[Dataset excerpts]

= = = = =

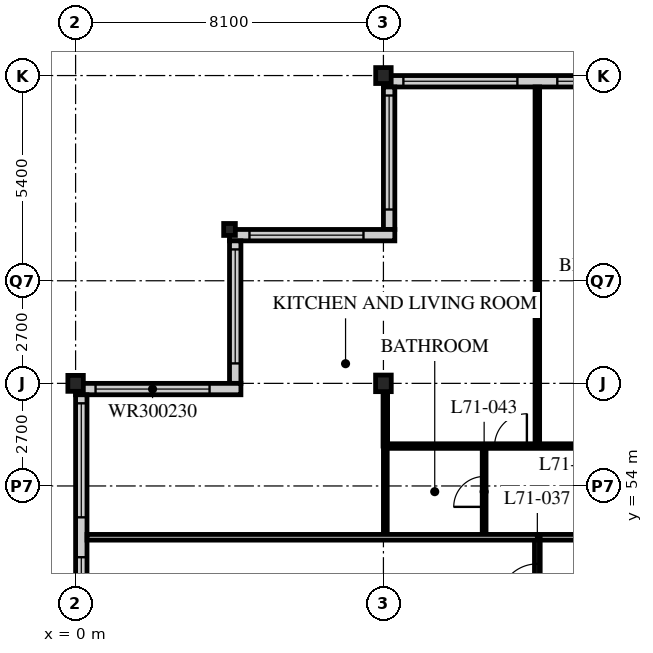
"""IFC4 building model, lengths in metres.
Left out: names, types, materials, properties, quantities, classifications, styles, units other than length and angle.
Written with IfcOpenShell. Run it as: python <this file> out.ifc"""

import sys

from ifc_helpers import new_model, si_unit, direction, frame, frame_2d, origin, origin_2d, place, context, subcontext, project, spatial, rectangle, i_section, extrude, element, fill, save


model = new_model("IFC4")
c1 = context("Model", 3, precision=1e-05, world=origin(), true_north=direction((0.0, 1.0)))
c2 = subcontext(c1, "Body", "Model", "MODEL_VIEW")
j1 = project(units=[si_unit("LENGTHUNIT", "METRE"), si_unit("PLANEANGLEUNIT", "RADIAN")], contexts=[c1])
p1 = place(None, origin())
s1 = spatial("IfcSite", under=j1, at=p1, CompositionType="ELEMENT")
p2 = place(p1, origin())
s2 = spatial("IfcBuilding", under=s1, at=p2, CompositionType="ELEMENT")
p3 = place(p2, frame((0.0, 0.0, 277.5)))
s3 = spatial("IfcBuildingStorey", under=s2, at=p3, CompositionType="ELEMENT", Elevation=277.5)
p4 = place(p3, frame((0.0, 56.7, 0.0), z_axis=(0.0, 0.0, 1.0), x_axis=(1.0, 0.0, 0.0)))
e1 = element("IfcColumn", 1, at=p4, inside=s3, PredefinedType="COLUMN", context=c2, shape_type="SweptSolid", body=[
    extrude(i_section(OverallWidth=0.407, OverallDepth=0.419, WebThickness=0.031, FlangeThickness=0.049, FilletRadius=0.015, at=origin_2d()), origin(), (0.0, 0.0, 1.0), 3.9),
])
p5 = place(p3, frame((4.05, 60.75, 0.0), z_axis=(0.0, 0.0, 1.0), x_axis=(1.0, 0.0, 0.0)))
e2 = element("IfcColumn", 2, at=p5, inside=s3, PredefinedType="COLUMN", context=c2, shape_type="SweptSolid", body=[
    extrude(i_section(OverallWidth=0.307, OverallDepth=0.314, WebThickness=0.012, FlangeThickness=0.019, FilletRadius=0.015, at=origin_2d()), origin(), (0.0, 0.0, 1.0), 3.9),
])
p6 = place(p3, frame((8.1, 56.7, 0.0), z_axis=(0.0, 0.0, 1.0), x_axis=(1.0, 0.0, 0.0)))
e3 = element("IfcColumn", 3, at=p6, inside=s3, PredefinedType="COLUMN", context=c2, shape_type="SweptSolid", body=[
    extrude(i_section(OverallWidth=0.412, OverallDepth=0.437, WebThickness=0.036, FlangeThickness=0.058, FilletRadius=0.015, at=origin_2d()), origin(), (0.0, 0.0, 1.0), 3.9),
])
p7 = place(p3, frame((8.1, 64.8, 0.0), z_axis=(0.0, 0.0, 1.0), x_axis=(1.0, 0.0, 0.0)))
e4 = element("IfcColumn", 4, at=p7, inside=s3, PredefinedType="COLUMN", context=c2, shape_type="SweptSolid", body=[
    extrude(i_section(OverallWidth=0.407, OverallDepth=0.419, WebThickness=0.031, FlangeThickness=0.049, FilletRadius=0.015, at=origin_2d()), origin(), (0.0, 0.0, 1.0), 3.9),
])
p8 = place(p3, frame((48.3, 64.65, 0.0), z_axis=(0.0, 0.0, 1.0), x_axis=(-1.0, 0.0, 0.0)))
e5 = element("IfcWall", 5, at=p8, inside=s3, PredefinedType="SOLIDWALL", context=c2, shape_type="SweptSolid", body=[
    extrude(rectangle(XDim=40.2, YDim=0.3, at=frame_2d((20.1, 0.0))), origin(), (0.0, 0.0, 1.0), 3.69),
])
p9 = place(p8, frame((0.225, 0.0, 0.6)))
e6 = element("IfcOpeningElement", 6, at=p9, cuts=e5, PredefinedType="OPENING", context=c2, shape_type="SweptSolid", body=[
    extrude(rectangle(XDim=3.0, YDim=2.4, at=frame_2d((1.5, 1.2))), frame((0.0, 0.16, 0.0), z_axis=(0.0, -1.0, 0.0), x_axis=(1.0, 0.0, 0.0)), (0.0, 0.0, 1.0), 0.32),
])
p10 = place(p8, frame((4.275, 0.0, 0.6)))
e7 = element("IfcOpeningElement", 7, at=p10, cuts=e5, PredefinedType="OPENING", context=c2, shape_type="SweptSolid", body=[
    extrude(rectangle(XDim=3.0, YDim=2.4, at=frame_2d((1.5, 1.2))), frame((0.0, 0.16, 0.0), z_axis=(0.0, -1.0, 0.0), x_axis=(1.0, 0.0, 0.0)), (0.0, 0.0, 1.0), 0.32),
])
p11 = place(p8, frame((8.325, 0.0, 0.6)))
e8 = element("IfcOpeningElement", 8, at=p11, cuts=e5, PredefinedType="OPENING", context=c2, shape_type="SweptSolid", body=[
    extrude(rectangle(XDim=3.0, YDim=2.4, at=frame_2d((1.5, 1.2))), frame((0.0, 0.16, 0.0), z_axis=(0.0, -1.0, 0.0), x_axis=(1.0, 0.0, 0.0)), (0.0, 0.0, 1.0), 0.32),
])
p12 = place(p8, frame((12.375, 0.0, 0.6)))
e9 = element("IfcOpeningElement", 9, at=p12, cuts=e5, PredefinedType="OPENING", context=c2, shape_type="SweptSolid", body=[
    extrude(rectangle(XDim=3.0, YDim=2.4, at=frame_2d((1.5, 1.2))), frame((0.0, 0.16, 0.0), z_axis=(0.0, -1.0, 0.0), x_axis=(1.0, 0.0, 0.0)), (0.0, 0.0, 1.0), 0.32),
])
p13 = place(p8, frame((16.425, 0.0, 0.6)))
e10 = element("IfcOpeningElement", 10, at=p13, cuts=e5, PredefinedType="OPENING", context=c2, shape_type="SweptSolid", body=[
    extrude(rectangle(XDim=3.0, YDim=2.4, at=frame_2d((1.5, 1.2))), frame((0.0, 0.16, 0.0), z_axis=(0.0, -1.0, 0.0), x_axis=(1.0, 0.0, 0.0)), (0.0, 0.0, 1.0), 0.32),
])
p14 = place(p8, frame((20.475, 0.0, 0.6)))
e11 = element("IfcOpeningElement", 11, at=p14, cuts=e5, PredefinedType="OPENING", context=c2, shape_type="SweptSolid", body=[
    extrude(rectangle(XDim=3.0, YDim=2.4, at=frame_2d((1.5, 1.2))), frame((0.0, 0.16, 0.0), z_axis=(0.0, -1.0, 0.0), x_axis=(1.0, 0.0, 0.0)), (0.0, 0.0, 1.0), 0.32),
])
p15 = place(p8, frame((24.525, 0.0, 0.6)))
e12 = element("IfcOpeningElement", 12, at=p15, cuts=e5, PredefinedType="OPENING", context=c2, shape_type="SweptSolid", body=[
    extrude(rectangle(XDim=3.0, YDim=2.4, at=frame_2d((1.5, 1.2))), frame((0.0, 0.16, 0.0), z_axis=(0.0, -1.0, 0.0), x_axis=(1.0, 0.0, 0.0)), (0.0, 0.0, 1.0), 0.32),
])
p16 = place(p8, frame((28.575, 0.0, 0.6)))
e13 = element("IfcOpeningElement", 13, at=p16, cuts=e5, PredefinedType="OPENING", context=c2, shape_type="SweptSolid", body=[
    extrude(rectangle(XDim=3.0, YDim=2.4, at=frame_2d((1.5, 1.2))), frame((0.0, 0.16, 0.0), z_axis=(0.0, -1.0, 0.0), x_axis=(1.0, 0.0, 0.0)), (0.0, 0.0, 1.0), 0.32),
])
p17 = place(p8, frame((32.625, 0.0, 0.6)))
e14 = element("IfcOpeningElement", 14, at=p17, cuts=e5, PredefinedType="OPENING", context=c2, shape_type="SweptSolid", body=[
    extrude(rectangle(XDim=3.0, YDim=2.4, at=frame_2d((1.5, 1.2))), frame((0.0, 0.16, 0.0), z_axis=(0.0, -1.0, 0.0), x_axis=(1.0, 0.0, 0.0)), (0.0, 0.0, 1.0), 0.32),
])
p18 = place(p8, frame((36.675, 0.0, 0.6)))
e15 = element("IfcOpeningElement", 15, at=p18, cuts=e5, PredefinedType="OPENING", context=c2, shape_type="SweptSolid", body=[
    extrude(rectangle(XDim=3.0, YDim=2.4, at=frame_2d((1.5, 1.2))), frame((0.0, 0.16, 0.0), z_axis=(0.0, -1.0, 0.0), x_axis=(1.0, 0.0, 0.0)), (0.0, 0.0, 1.0), 0.32),
])
p19 = place(p3, frame((8.25, 64.5, 0.0), z_axis=(0.0, 0.0, 1.0), x_axis=(0.0, -1.0, 0.0)))
e16 = element("IfcWall", 16, at=p19, inside=s3, PredefinedType="SOLIDWALL", context=c2, shape_type="SweptSolid", body=[
    extrude(rectangle(XDim=3.75, YDim=0.3, at=frame_2d((1.875, 0.0))), origin(), (0.0, 0.0, 1.0), 3.69),
])
p20 = place(p19, frame((0.225, 0.0, 0.6)))
e17 = element("IfcOpeningElement", 17, at=p20, cuts=e16, PredefinedType="OPENING", context=c2, shape_type="SweptSolid", body=[
    extrude(rectangle(XDim=3.0, YDim=2.3, at=frame_2d((1.5, 1.15))), frame((0.0, 0.16, 0.0), z_axis=(0.0, -1.0, 0.0), x_axis=(1.0, 0.0, 0.0)), (0.0, 0.0, 1.0), 0.32),
])
p21 = place(p3, frame((8.4, 60.6, 0.0), z_axis=(0.0, 0.0, 1.0), x_axis=(-1.0, 0.0, 0.0)))
e18 = element("IfcWall", 18, at=p21, inside=s3, PredefinedType="SOLIDWALL", context=c2, shape_type="SweptSolid", body=[
    extrude(rectangle(XDim=4.35, YDim=0.3, at=frame_2d((2.175, 0.0))), origin(), (0.0, 0.0, 1.0), 3.69),
])
p22 = place(p21, frame((0.825, 0.0, 0.6)))
e19 = element("IfcOpeningElement", 19, at=p22, cuts=e18, PredefinedType="OPENING", context=c2, shape_type="SweptSolid", body=[
    extrude(rectangle(XDim=3.0, YDim=2.3, at=frame_2d((1.5, 1.15))), frame((0.0, 0.16, 0.0), z_axis=(0.0, -1.0, 0.0), x_axis=(1.0, 0.0, 0.0)), (0.0, 0.0, 1.0), 0.32),
])
p23 = place(p3, frame((4.2, 60.45, 0.0), z_axis=(0.0, 0.0, 1.0), x_axis=(0.0, -1.0, 0.0)))
e20 = element("IfcWall", 20, at=p23, inside=s3, PredefinedType="SOLIDWALL", context=c2, shape_type="SweptSolid", body=[
    extrude(rectangle(XDim=3.75, YDim=0.3, at=frame_2d((1.875, 0.0))), origin(), (0.0, 0.0, 1.0), 3.69),
])
p24 = place(p23, frame((0.225, 0.0, 0.6)))
e21 = element("IfcOpeningElement", 21, at=p24, cuts=e20, PredefinedType="OPENING", context=c2, shape_type="SweptSolid", body=[
    extrude(rectangle(XDim=3.0, YDim=2.3, at=frame_2d((1.5, 1.15))), frame((0.0, 0.16, 0.0), z_axis=(0.0, -1.0, 0.0), x_axis=(1.0, 0.0, 0.0)), (0.0, 0.0, 1.0), 0.32),
])
p25 = place(p3, frame((4.35, 56.55, 0.0), z_axis=(0.0, 0.0, 1.0), x_axis=(-1.0, 0.0, 0.0)))
e22 = element("IfcWall", 22, at=p25, inside=s3, PredefinedType="SOLIDWALL", context=c2, shape_type="SweptSolid", body=[
    extrude(rectangle(XDim=4.35, YDim=0.3, at=frame_2d((2.175, 0.0))), origin(), (0.0, 0.0, 1.0), 3.69),
])
p26 = place(p25, frame((0.825, 0.0, 0.6)))
e23 = element("IfcOpeningElement", 23, at=p26, cuts=e22, PredefinedType="OPENING", context=c2, shape_type="SweptSolid", body=[
    extrude(rectangle(XDim=3.0, YDim=2.3, at=frame_2d((1.5, 1.15))), frame((0.0, 0.16, 0.0), z_axis=(0.0, -1.0, 0.0), x_axis=(1.0, 0.0, 0.0)), (0.0, 0.0, 1.0), 0.32),
])
p27 = place(p3, frame((0.15, 56.4, 0.0), z_axis=(0.0, 0.0, 1.0), x_axis=(0.0, -1.0, 0.0)))
e24 = element("IfcWall", 24, at=p27, inside=s3, PredefinedType="SOLIDWALL", context=c2, shape_type="SweptSolid", body=[
    extrude(rectangle(XDim=32.1, YDim=0.3, at=frame_2d((16.05, 0.0))), origin(), (0.0, 0.0, 1.0), 3.69),
])
p28 = place(p27, frame((0.225, 0.0, 0.6)))
e25 = element("IfcOpeningElement", 25, at=p28, cuts=e24, PredefinedType="OPENING", context=c2, shape_type="SweptSolid", body=[
    extrude(rectangle(XDim=3.0, YDim=2.4, at=frame_2d((1.5, 1.2))), frame((0.0, 0.16, 0.0), z_axis=(0.0, -1.0, 0.0), x_axis=(1.0, 0.0, 0.0)), (0.0, 0.0, 1.0), 0.32),
])
p29 = place(p27, frame((4.275, 0.0, 0.6)))
e26 = element("IfcOpeningElement", 26, at=p29, cuts=e24, PredefinedType="OPENING", context=c2, shape_type="SweptSolid", body=[
    extrude(rectangle(XDim=3.0, YDim=2.4, at=frame_2d((1.5, 1.2))), frame((0.0, 0.16, 0.0), z_axis=(0.0, -1.0, 0.0), x_axis=(1.0, 0.0, 0.0)), (0.0, 0.0, 1.0), 0.32),
])
p30 = place(p27, frame((8.325, 0.0, 0.6)))
e27 = element("IfcOpeningElement", 27, at=p30, cuts=e24, PredefinedType="OPENING", context=c2, shape_type="SweptSolid", body=[
    extrude(rectangle(XDim=3.0, YDim=2.4, at=frame_2d((1.5, 1.2))), frame((0.0, 0.16, 0.0), z_axis=(0.0, -1.0, 0.0), x_axis=(1.0, 0.0, 0.0)), (0.0, 0.0, 1.0), 0.32),
])
p31 = place(p27, frame((12.375, 0.0, 0.6)))
e28 = element("IfcOpeningElement", 28, at=p31, cuts=e24, PredefinedType="OPENING", context=c2, shape_type="SweptSolid", body=[
    extrude(rectangle(XDim=3.0, YDim=2.4, at=frame_2d((1.5, 1.2))), frame((0.0, 0.16, 0.0), z_axis=(0.0, -1.0, 0.0), x_axis=(1.0, 0.0, 0.0)), (0.0, 0.0, 1.0), 0.32),
])
p32 = place(p27, frame((16.425, 0.0, 0.6)))
e29 = element("IfcOpeningElement", 29, at=p32, cuts=e24, PredefinedType="OPENING", context=c2, shape_type="SweptSolid", body=[
    extrude(rectangle(XDim=3.0, YDim=2.4, at=frame_2d((1.5, 1.2))), frame((0.0, 0.16, 0.0), z_axis=(0.0, -1.0, 0.0), x_axis=(1.0, 0.0, 0.0)), (0.0, 0.0, 1.0), 0.32),
])
p33 = place(p27, frame((20.475, 0.0, 0.6)))
e30 = element("IfcOpeningElement", 30, at=p33, cuts=e24, PredefinedType="OPENING", context=c2, shape_type="SweptSolid", body=[
    extrude(rectangle(XDim=3.0, YDim=2.4, at=frame_2d((1.5, 1.2))), frame((0.0, 0.16, 0.0), z_axis=(0.0, -1.0, 0.0), x_axis=(1.0, 0.0, 0.0)), (0.0, 0.0, 1.0), 0.32),
])
p34 = place(p27, frame((24.525, 0.0, 0.6)))
e31 = element("IfcOpeningElement", 31, at=p34, cuts=e24, PredefinedType="OPENING", context=c2, shape_type="SweptSolid", body=[
    extrude(rectangle(XDim=3.0, YDim=2.4, at=frame_2d((1.5, 1.2))), frame((0.0, 0.16, 0.0), z_axis=(0.0, -1.0, 0.0), x_axis=(1.0, 0.0, 0.0)), (0.0, 0.0, 1.0), 0.32),
])
p35 = place(p27, frame((28.575, 0.0, 0.6)))
e32 = element("IfcOpeningElement", 32, at=p35, cuts=e24, PredefinedType="OPENING", context=c2, shape_type="SweptSolid", body=[
    extrude(rectangle(XDim=3.0, YDim=2.4, at=frame_2d((1.5, 1.2))), frame((0.0, 0.16, 0.0), z_axis=(0.0, -1.0, 0.0), x_axis=(1.0, 0.0, 0.0)), (0.0, 0.0, 1.0), 0.32),
])
p36 = place(p3, frame((12.15, 52.65, 0.0), z_axis=(0.0, 0.0, 1.0), x_axis=(1.0, 0.0, 0.0)))
e33 = element("IfcWall", 33, at=p36, inside=s3, PredefinedType="PARTITIONING", context=c2, shape_type="SweptSolid", body=[
    extrude(rectangle(XDim=24.3, YDim=0.15, at=frame_2d((12.15, 0.0))), origin(), (0.0, 0.0, 1.0), 3.69),
])
p37 = place(p36, frame((6.4, 0.0, 0.0)))
e34 = element("IfcOpeningElement", 34, at=p37, cuts=e33, PredefinedType="OPENING", context=c2, shape_type="SweptSolid", body=[
    extrude(rectangle(XDim=1.0, YDim=2.1, at=frame_2d((0.5, 1.05))), frame((0.0, 0.085, 0.0), z_axis=(0.0, -1.0, 0.0), x_axis=(1.0, 0.0, 0.0)), (0.0, 0.0, 1.0), 0.17),
])
p38 = place(p36, frame((8.5, 0.0, 0.0)))
e35 = element("IfcOpeningElement", 35, at=p38, cuts=e33, PredefinedType="OPENING", context=c2, shape_type="SweptSolid", body=[
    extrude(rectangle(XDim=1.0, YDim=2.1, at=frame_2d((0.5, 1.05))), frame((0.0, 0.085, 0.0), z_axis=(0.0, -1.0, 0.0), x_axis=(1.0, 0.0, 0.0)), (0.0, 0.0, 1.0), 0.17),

= = = = =

» **TASK PROMPT**:
Take the entries above and return only the lines from the one with "p12 = place(p8, frame((12.375, 0.0, 0.6)))" to the one with "p17 = place(p8, frame((32.625, 0.0, 0.6)))", both included, unchanged.

» **TASK ANSWER**:
p12 = place(p8, frame((12.375, 0.0, 0.6)))
e9 = element("IfcOpeningElement", 9, at=p12, cuts=e5, PredefinedType="OPENING", context=c2, shape_type="SweptSolid", body=[
    extrude(rectangle(XDim=3.0, YDim=2.4, at=frame_2d((1.5, 1.2))), frame((0.0, 0.16, 0.0), z_axis=(0.0, -1.0, 0.0), x_axis=(1.0, 0.0, 0.0)), (0.0, 0.0, 1.0), 0.32),
])
p13 = place(p8, frame((16.425, 0.0, 0.6)))
e10 = element("IfcOpeningElement", 10, at=p13, cuts=e5, PredefinedType="OPENING", context=c2, shape_type="SweptSolid", body=[
    extrude(rectangle(XDim=3.0, YDim=2.4, at=frame_2d((1.5, 1.2))), frame((0.0, 0.16, 0.0), z_axis=(0.0, -1.0, 0.0), x_axis=(1.0, 0.0, 0.0)), (0.0, 0.0, 1.0), 0.32),
])
p14 = place(p8, frame((20.475, 0.0, 0.6)))
e11 = element("IfcOpeningElement", 11, at=p14, cuts=e5, PredefinedType="OPENING", context=c2, shape_type="SweptSolid", body=[
    extrude(rectangle(XDim=3.0, YDim=2.4, at=frame_2d((1.5, 1.2))), frame((0.0, 0.16, 0.0), z_axis=(0.0, -1.0, 0.0), x_axis=(1.0, 0.0, 0.0)), (0.0, 0.0, 1.0), 0.32),
])
p15 = place(p8, frame((24.525, 0.0, 0.6)))
e12 = element("IfcOpeningElement", 12, at=p15, cuts=e5, PredefinedType="OPENING", context=c2, shape_type="SweptSolid", body=[
    extrude(rectangle(XDim=3.0, YDim=2.4, at=frame_2d((1.5, 1.2))), frame((0.0, 0.16, 0.0), z_axis=(0.0, -1.0, 0.0), x_axis=(1.0, 0.0, 0.0)), (0.0, 0.0, 1.0), 0.32),
])
p16 = place(p8, frame((28.575, 0.0, 0.6)))
e13 = element("IfcOpeningElement", 13, at=p16, cuts=e5, PredefinedType="OPENING", context=c2, shape_type="SweptSolid", body=[
    extrude(rectangle(XDim=3.0, YDim=2.4, at=frame_2d((1.5, 1.2))), frame((0.0, 0.16, 0.0), z_axis=(0.0, -1.0, 0.0), x_axis=(1.0, 0.0, 0.0)), (0.0, 0.0, 1.0), 0.32),
])
p17 = place(p8, frame((32.625, 0.0, 0.6)))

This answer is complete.